Find the line with "FILE_NAME('part.step','',(''),(''),'','','');" in the records below. Copy it and every line after it, up to and including the line with "#37=LINE('',#36,#35);".

[Stored dataset items]
------------------------------------------------

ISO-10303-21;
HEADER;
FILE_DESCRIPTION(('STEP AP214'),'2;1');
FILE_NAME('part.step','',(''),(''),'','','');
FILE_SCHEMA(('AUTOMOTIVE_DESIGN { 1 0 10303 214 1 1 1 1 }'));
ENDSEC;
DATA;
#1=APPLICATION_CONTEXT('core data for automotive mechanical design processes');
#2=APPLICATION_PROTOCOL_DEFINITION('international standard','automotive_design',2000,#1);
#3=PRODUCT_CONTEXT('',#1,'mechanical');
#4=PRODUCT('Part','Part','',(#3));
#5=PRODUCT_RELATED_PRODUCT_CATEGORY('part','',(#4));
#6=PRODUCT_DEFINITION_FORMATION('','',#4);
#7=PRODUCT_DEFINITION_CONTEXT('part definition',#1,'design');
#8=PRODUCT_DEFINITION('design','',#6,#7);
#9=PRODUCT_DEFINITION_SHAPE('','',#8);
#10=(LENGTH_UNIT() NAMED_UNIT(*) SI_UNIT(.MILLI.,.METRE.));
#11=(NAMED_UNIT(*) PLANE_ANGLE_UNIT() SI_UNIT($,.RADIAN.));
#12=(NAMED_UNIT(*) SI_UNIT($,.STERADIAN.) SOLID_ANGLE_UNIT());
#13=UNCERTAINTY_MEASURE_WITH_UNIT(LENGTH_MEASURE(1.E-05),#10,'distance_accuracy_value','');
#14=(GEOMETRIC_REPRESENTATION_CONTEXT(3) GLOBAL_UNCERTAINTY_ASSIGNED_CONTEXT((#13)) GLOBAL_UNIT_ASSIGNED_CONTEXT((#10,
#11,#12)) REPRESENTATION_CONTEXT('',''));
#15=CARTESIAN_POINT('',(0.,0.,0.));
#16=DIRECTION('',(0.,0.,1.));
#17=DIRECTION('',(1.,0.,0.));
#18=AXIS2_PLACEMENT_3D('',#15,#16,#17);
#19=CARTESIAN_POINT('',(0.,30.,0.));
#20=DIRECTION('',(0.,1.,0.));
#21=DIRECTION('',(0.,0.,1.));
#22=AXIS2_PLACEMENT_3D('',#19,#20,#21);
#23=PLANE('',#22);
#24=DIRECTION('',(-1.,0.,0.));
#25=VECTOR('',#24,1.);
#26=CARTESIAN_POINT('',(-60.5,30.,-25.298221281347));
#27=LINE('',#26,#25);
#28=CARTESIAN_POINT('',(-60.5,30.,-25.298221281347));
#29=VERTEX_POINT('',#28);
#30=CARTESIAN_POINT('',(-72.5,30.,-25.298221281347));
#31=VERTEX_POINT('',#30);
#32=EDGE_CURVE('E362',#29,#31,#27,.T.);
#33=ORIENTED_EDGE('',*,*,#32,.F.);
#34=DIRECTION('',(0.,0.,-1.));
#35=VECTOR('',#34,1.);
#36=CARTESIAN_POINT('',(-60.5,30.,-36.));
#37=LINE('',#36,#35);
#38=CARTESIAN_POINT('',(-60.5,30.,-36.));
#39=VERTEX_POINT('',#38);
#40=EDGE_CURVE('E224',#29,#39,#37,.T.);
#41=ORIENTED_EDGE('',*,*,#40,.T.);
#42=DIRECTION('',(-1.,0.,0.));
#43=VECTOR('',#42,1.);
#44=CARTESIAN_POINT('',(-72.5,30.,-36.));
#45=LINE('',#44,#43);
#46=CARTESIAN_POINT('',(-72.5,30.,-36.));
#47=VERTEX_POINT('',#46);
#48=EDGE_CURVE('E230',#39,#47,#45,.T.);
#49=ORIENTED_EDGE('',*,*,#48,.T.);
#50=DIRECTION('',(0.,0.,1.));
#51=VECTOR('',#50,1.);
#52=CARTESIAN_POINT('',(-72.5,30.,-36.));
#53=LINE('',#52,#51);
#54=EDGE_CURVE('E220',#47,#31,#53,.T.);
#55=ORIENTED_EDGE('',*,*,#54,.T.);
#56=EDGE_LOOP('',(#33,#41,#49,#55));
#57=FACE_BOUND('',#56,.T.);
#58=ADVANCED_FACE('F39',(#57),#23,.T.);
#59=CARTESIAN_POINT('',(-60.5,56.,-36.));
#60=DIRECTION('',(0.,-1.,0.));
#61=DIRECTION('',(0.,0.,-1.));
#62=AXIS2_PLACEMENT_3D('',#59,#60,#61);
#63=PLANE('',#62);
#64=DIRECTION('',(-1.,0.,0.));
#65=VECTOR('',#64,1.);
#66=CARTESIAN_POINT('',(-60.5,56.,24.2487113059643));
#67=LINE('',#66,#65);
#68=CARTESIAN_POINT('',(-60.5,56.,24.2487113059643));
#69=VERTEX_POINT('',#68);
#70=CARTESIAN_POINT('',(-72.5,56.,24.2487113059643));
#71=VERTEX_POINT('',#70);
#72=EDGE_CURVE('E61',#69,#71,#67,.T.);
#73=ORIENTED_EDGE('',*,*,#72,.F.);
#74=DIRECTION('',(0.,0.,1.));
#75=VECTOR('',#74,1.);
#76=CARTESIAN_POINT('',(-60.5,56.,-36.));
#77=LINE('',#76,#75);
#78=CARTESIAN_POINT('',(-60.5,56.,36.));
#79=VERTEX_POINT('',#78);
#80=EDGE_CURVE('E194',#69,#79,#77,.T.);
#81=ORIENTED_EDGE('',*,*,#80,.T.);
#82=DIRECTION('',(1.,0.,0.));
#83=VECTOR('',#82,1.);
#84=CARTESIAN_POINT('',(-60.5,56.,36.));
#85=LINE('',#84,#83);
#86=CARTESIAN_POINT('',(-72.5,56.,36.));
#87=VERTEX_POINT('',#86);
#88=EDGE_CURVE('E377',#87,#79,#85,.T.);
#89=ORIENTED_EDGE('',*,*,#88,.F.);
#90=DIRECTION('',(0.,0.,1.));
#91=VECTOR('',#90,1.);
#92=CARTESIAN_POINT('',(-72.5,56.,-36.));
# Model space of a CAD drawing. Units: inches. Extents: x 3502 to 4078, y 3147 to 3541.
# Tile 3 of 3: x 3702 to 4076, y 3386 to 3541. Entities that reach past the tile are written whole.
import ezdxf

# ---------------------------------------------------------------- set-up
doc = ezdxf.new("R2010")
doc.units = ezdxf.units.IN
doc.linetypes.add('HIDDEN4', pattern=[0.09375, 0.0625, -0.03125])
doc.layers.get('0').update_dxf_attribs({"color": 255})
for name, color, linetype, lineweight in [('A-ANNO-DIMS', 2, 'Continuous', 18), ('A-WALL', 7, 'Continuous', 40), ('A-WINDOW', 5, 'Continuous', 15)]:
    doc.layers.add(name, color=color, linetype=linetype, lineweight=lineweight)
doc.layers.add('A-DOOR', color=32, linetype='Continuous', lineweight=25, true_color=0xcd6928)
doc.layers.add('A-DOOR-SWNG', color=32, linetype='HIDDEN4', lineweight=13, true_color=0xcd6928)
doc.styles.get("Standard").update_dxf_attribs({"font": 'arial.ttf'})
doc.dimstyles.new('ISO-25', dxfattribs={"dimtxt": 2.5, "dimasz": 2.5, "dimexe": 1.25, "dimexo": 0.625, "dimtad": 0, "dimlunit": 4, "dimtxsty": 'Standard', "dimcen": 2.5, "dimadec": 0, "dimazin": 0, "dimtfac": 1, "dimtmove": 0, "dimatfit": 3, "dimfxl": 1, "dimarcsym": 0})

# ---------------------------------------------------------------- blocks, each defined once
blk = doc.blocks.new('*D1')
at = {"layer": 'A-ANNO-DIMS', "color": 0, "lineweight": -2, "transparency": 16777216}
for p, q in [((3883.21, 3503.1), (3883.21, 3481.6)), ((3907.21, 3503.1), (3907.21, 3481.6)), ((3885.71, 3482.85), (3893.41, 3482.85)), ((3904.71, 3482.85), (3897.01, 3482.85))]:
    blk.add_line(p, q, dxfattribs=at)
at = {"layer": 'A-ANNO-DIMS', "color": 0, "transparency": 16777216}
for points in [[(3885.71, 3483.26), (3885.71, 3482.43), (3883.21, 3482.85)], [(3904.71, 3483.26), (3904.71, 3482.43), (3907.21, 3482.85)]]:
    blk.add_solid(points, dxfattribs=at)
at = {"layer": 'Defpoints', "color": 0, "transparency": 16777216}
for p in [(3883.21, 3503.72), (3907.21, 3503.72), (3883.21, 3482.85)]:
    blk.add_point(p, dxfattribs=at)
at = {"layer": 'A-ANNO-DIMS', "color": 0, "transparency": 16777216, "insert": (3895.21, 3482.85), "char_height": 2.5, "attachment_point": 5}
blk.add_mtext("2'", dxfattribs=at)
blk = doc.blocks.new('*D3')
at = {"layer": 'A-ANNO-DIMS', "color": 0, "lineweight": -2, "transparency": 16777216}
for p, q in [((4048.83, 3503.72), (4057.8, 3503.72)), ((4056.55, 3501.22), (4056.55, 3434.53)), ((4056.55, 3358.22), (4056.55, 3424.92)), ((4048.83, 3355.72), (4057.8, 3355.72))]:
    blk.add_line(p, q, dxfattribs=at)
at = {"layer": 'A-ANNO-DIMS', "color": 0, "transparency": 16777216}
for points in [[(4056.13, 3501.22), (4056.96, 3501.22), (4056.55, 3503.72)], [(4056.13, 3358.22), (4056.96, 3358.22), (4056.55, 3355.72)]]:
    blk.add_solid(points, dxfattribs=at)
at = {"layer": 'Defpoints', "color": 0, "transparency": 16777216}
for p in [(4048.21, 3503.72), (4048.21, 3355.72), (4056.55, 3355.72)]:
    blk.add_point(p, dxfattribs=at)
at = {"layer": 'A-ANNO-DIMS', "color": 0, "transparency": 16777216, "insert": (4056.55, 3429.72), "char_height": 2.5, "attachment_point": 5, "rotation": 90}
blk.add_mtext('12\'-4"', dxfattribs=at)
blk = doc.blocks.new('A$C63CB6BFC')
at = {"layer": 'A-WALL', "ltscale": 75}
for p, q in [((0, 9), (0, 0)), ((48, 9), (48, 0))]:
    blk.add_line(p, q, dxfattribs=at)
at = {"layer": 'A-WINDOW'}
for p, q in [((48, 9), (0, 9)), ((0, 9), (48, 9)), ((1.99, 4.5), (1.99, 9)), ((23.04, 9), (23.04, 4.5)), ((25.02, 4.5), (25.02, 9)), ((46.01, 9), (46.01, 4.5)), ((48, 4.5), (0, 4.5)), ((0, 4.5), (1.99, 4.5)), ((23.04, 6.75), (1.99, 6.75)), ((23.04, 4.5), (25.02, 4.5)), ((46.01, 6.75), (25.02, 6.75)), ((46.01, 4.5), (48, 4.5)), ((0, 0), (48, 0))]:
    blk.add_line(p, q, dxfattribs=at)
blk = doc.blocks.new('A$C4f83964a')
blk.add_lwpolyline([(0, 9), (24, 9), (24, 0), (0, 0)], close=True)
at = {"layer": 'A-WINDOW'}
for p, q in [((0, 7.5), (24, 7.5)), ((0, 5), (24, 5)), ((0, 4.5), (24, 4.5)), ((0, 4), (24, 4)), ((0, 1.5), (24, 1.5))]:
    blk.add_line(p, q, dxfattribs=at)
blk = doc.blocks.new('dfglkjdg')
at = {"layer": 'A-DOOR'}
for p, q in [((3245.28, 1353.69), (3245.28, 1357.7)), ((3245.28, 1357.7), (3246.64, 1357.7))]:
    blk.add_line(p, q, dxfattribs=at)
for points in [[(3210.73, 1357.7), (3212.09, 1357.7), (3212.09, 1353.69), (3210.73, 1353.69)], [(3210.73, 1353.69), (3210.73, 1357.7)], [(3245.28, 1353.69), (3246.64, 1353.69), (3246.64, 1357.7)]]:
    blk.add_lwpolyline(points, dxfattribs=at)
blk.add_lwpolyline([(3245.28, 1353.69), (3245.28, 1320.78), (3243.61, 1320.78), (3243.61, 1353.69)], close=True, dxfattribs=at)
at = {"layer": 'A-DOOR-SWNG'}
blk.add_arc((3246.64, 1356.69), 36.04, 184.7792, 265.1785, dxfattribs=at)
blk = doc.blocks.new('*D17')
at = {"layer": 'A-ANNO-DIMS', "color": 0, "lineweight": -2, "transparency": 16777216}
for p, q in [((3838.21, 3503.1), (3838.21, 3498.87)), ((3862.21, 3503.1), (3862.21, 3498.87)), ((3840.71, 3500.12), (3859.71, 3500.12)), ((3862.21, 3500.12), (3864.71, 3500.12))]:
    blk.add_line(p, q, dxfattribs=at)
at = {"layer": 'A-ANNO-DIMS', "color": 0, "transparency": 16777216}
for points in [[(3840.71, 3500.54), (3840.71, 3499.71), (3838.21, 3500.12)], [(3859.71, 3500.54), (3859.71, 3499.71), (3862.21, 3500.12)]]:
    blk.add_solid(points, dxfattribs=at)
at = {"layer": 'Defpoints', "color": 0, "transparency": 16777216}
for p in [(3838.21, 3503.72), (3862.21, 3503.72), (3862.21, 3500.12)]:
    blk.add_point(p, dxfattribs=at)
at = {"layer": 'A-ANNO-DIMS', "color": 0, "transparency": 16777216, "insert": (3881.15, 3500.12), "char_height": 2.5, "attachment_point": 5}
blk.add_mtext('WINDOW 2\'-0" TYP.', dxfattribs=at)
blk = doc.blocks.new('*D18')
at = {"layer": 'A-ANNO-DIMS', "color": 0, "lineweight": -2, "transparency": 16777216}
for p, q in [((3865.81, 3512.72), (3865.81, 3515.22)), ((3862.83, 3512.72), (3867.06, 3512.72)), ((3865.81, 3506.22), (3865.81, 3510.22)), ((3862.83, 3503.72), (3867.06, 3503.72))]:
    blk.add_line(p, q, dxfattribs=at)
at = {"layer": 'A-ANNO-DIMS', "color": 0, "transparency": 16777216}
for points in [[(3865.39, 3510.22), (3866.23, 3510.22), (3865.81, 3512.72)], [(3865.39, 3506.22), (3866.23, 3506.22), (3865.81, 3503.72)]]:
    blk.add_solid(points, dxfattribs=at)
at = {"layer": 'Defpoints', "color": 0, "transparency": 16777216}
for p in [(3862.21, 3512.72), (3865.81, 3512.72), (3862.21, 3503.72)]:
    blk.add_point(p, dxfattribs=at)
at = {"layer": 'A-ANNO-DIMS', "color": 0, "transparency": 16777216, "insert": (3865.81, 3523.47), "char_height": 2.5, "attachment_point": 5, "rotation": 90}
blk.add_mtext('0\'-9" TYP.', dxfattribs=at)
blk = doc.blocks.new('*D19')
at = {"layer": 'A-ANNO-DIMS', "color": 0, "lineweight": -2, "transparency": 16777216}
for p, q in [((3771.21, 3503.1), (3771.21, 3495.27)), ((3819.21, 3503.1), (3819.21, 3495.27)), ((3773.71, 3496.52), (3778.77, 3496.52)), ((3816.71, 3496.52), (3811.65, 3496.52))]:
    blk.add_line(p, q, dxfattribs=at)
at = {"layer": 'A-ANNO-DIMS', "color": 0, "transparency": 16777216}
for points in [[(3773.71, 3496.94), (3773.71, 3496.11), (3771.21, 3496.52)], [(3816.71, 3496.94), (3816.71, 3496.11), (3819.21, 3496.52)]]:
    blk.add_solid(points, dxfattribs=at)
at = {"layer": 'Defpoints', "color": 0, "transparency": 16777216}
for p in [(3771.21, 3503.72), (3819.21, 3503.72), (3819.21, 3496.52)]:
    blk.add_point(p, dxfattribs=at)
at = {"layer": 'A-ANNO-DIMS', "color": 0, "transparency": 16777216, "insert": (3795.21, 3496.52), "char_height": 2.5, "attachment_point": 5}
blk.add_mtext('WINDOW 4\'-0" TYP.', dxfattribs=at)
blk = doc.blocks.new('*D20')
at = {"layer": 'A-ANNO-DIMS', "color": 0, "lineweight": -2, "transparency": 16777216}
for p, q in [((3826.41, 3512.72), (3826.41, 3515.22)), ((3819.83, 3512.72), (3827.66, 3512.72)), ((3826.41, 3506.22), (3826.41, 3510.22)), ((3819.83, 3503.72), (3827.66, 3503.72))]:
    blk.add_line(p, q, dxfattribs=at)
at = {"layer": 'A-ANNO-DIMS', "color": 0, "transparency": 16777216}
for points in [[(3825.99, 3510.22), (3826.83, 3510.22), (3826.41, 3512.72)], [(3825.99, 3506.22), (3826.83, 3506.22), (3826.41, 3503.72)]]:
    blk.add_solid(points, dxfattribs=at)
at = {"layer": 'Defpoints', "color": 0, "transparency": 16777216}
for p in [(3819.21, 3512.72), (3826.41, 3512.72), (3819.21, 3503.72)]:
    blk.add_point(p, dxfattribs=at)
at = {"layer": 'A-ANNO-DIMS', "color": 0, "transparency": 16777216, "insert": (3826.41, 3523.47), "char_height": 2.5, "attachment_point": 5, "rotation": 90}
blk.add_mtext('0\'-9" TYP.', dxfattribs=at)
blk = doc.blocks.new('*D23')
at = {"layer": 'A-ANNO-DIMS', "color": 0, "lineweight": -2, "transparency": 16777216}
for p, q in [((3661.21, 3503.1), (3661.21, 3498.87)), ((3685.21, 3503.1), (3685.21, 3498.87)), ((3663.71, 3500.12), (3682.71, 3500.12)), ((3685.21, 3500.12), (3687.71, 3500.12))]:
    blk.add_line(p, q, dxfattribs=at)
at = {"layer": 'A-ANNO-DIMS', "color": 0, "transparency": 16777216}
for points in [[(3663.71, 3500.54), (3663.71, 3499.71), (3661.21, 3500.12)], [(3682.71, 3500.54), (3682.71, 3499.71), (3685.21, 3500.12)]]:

------------------------------------------------

▶ Written response
FILE_NAME('part.step','',(''),(''),'','','');
FILE_SCHEMA(('AUTOMOTIVE_DESIGN { 1 0 10303 214 1 1 1 1 }'));
ENDSEC;
DATA;
#1=APPLICATION_CONTEXT('core data for automotive mechanical design processes');
#2=APPLICATION_PROTOCOL_DEFINITION('international standard','automotive_design',2000,#1);
#3=PRODUCT_CONTEXT('',#1,'mechanical');
#4=PRODUCT('Part','Part','',(#3));
#5=PRODUCT_RELATED_PRODUCT_CATEGORY('part','',(#4));
#6=PRODUCT_DEFINITION_FORMATION('','',#4);
#7=PRODUCT_DEFINITION_CONTEXT('part definition',#1,'design');
#8=PRODUCT_DEFINITION('design','',#6,#7);
#9=PRODUCT_DEFINITION_SHAPE('','',#8);
#10=(LENGTH_UNIT() NAMED_UNIT(*) SI_UNIT(.MILLI.,.METRE.));
#11=(NAMED_UNIT(*) PLANE_ANGLE_UNIT() SI_UNIT($,.RADIAN.));
#12=(NAMED_UNIT(*) SI_UNIT($,.STERADIAN.) SOLID_ANGLE_UNIT());
#13=UNCERTAINTY_MEASURE_WITH_UNIT(LENGTH_MEASURE(1.E-05),#10,'distance_accuracy_value','');
#14=(GEOMETRIC_REPRESENTATION_CONTEXT(3) GLOBAL_UNCERTAINTY_ASSIGNED_CONTEXT((#13)) GLOBAL_UNIT_ASSIGNED_CONTEXT((#10,
#11,#12)) REPRESENTATION_CONTEXT('',''));
#15=CARTESIAN_POINT('',(0.,0.,0.));
#16=DIRECTION('',(0.,0.,1.));
#17=DIRECTION('',(1.,0.,0.));
#18=AXIS2_PLACEMENT_3D('',#15,#16,#17);
#19=CARTESIAN_POINT('',(0.,30.,0.));
#20=DIRECTION('',(0.,1.,0.));
#21=DIRECTION('',(0.,0.,1.));
#22=AXIS2_PLACEMENT_3D('',#19,#20,#21);
#23=PLANE('',#22);
#24=DIRECTION('',(-1.,0.,0.));
#25=VECTOR('',#24,1.);
#26=CARTESIAN_POINT('',(-60.5,30.,-25.298221281347));
#27=LINE('',#26,#25);
#28=CARTESIAN_POINT('',(-60.5,30.,-25.298221281347));
#29=VERTEX_POINT('',#28);
#30=CARTESIAN_POINT('',(-72.5,30.,-25.298221281347));
#31=VERTEX_POINT('',#30);
#32=EDGE_CURVE('E362',#29,#31,#27,.T.);
#33=ORIENTED_EDGE('',*,*,#32,.F.);
#34=DIRECTION('',(0.,0.,-1.));
#35=VECTOR('',#34,1.);
#36=CARTESIAN_POINT('',(-60.5,30.,-36.));
#37=LINE('',#36,#35);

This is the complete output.